* Data extracted from a collection
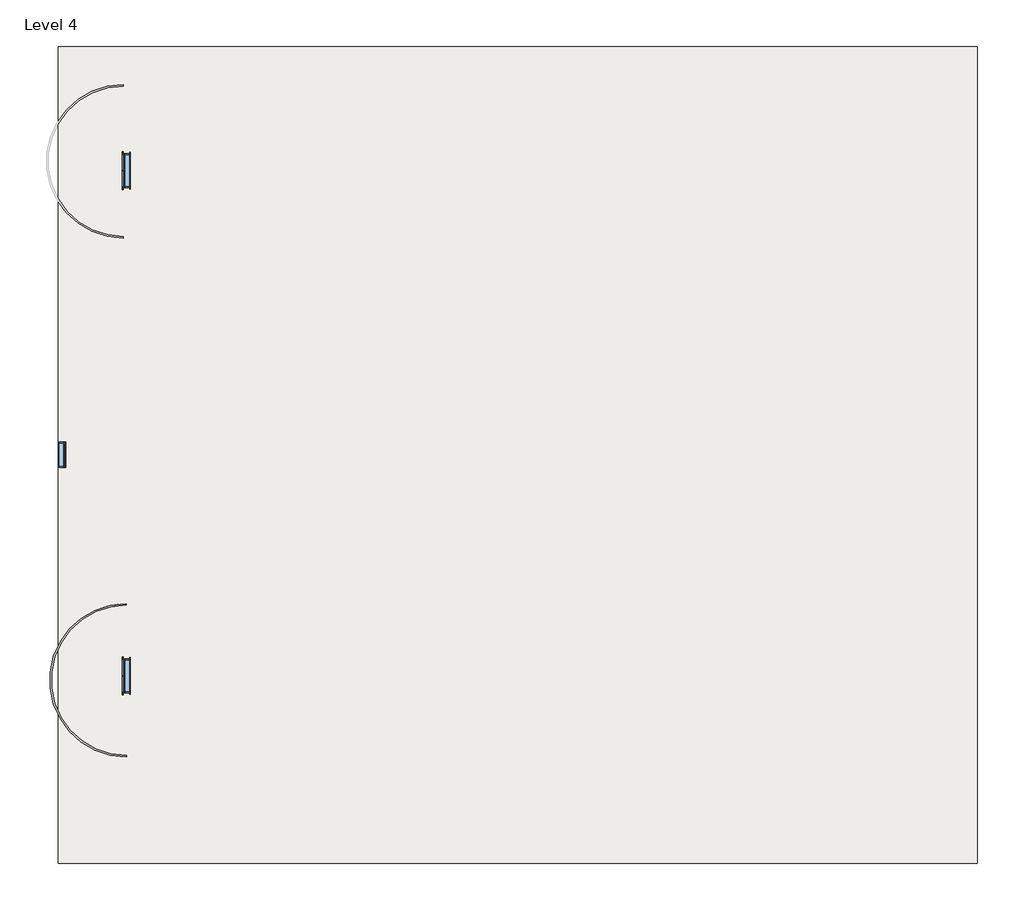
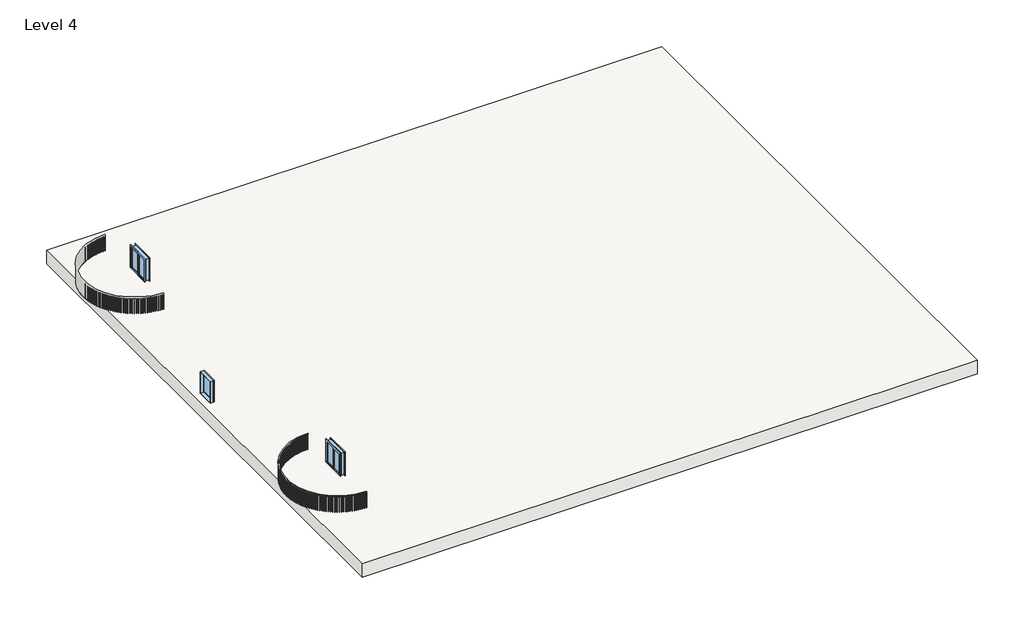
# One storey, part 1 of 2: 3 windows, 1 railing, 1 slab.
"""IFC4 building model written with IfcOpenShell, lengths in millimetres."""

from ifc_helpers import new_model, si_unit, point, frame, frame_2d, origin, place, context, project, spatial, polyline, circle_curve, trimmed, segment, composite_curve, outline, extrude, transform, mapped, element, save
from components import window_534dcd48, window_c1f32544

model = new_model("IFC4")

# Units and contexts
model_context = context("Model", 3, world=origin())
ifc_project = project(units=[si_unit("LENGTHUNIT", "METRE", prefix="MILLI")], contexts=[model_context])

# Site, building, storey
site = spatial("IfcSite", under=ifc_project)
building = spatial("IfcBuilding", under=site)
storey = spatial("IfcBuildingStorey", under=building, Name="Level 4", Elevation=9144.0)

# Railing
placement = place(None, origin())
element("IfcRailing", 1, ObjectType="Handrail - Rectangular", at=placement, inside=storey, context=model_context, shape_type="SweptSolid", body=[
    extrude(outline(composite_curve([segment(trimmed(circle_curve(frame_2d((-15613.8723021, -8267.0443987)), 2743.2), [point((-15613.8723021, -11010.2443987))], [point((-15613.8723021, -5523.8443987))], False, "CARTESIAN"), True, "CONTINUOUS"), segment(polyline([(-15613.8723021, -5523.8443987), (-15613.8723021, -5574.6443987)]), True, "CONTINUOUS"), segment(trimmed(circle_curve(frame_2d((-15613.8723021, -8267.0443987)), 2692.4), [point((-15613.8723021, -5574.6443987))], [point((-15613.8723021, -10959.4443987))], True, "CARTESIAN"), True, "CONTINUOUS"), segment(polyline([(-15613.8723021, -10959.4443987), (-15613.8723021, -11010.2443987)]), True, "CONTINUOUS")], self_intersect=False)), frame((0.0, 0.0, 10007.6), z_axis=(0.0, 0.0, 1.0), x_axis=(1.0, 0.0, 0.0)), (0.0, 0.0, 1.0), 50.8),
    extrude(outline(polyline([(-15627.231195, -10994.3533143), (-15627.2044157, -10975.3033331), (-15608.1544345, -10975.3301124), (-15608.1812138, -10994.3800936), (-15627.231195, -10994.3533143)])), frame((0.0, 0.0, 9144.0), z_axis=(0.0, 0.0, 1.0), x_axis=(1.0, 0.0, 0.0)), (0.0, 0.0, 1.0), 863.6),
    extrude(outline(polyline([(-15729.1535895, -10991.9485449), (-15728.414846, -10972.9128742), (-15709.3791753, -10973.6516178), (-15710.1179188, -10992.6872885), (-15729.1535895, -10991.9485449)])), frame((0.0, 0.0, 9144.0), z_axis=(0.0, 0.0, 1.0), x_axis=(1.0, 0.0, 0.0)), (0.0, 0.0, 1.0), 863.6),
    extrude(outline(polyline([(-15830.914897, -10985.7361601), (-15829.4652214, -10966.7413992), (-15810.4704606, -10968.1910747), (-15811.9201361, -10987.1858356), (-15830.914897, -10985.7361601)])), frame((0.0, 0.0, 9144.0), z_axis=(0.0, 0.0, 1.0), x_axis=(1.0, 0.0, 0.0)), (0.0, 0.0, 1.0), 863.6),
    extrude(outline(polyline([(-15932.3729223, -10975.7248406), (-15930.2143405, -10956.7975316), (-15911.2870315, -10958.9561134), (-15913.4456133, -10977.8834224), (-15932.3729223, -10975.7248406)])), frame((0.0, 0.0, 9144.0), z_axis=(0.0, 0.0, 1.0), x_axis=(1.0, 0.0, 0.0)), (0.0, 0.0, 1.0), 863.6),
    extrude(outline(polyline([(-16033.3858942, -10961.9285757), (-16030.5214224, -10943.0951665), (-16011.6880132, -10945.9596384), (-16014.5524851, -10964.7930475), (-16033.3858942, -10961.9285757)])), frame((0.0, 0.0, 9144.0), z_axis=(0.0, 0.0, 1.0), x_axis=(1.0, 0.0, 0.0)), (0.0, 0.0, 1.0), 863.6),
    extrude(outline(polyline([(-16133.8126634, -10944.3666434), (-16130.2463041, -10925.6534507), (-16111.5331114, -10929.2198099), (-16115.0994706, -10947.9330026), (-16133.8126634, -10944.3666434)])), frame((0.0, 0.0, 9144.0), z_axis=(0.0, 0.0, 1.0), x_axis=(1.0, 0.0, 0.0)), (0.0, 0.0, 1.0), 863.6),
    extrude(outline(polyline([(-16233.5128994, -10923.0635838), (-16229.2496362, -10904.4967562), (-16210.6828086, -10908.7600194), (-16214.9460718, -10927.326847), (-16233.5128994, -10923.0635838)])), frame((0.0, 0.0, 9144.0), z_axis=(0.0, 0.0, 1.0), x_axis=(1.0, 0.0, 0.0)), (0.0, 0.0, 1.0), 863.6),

* ACTIVITY
Among the lines above, please find those with "placement" and copy them.

* FINISHED TASK
placement = place(None, origin())
element("IfcRailing", 1, ObjectType="Handrail - Rectangular", at=placement, inside=storey, context=model_context, shape_type="SweptSolid", body=[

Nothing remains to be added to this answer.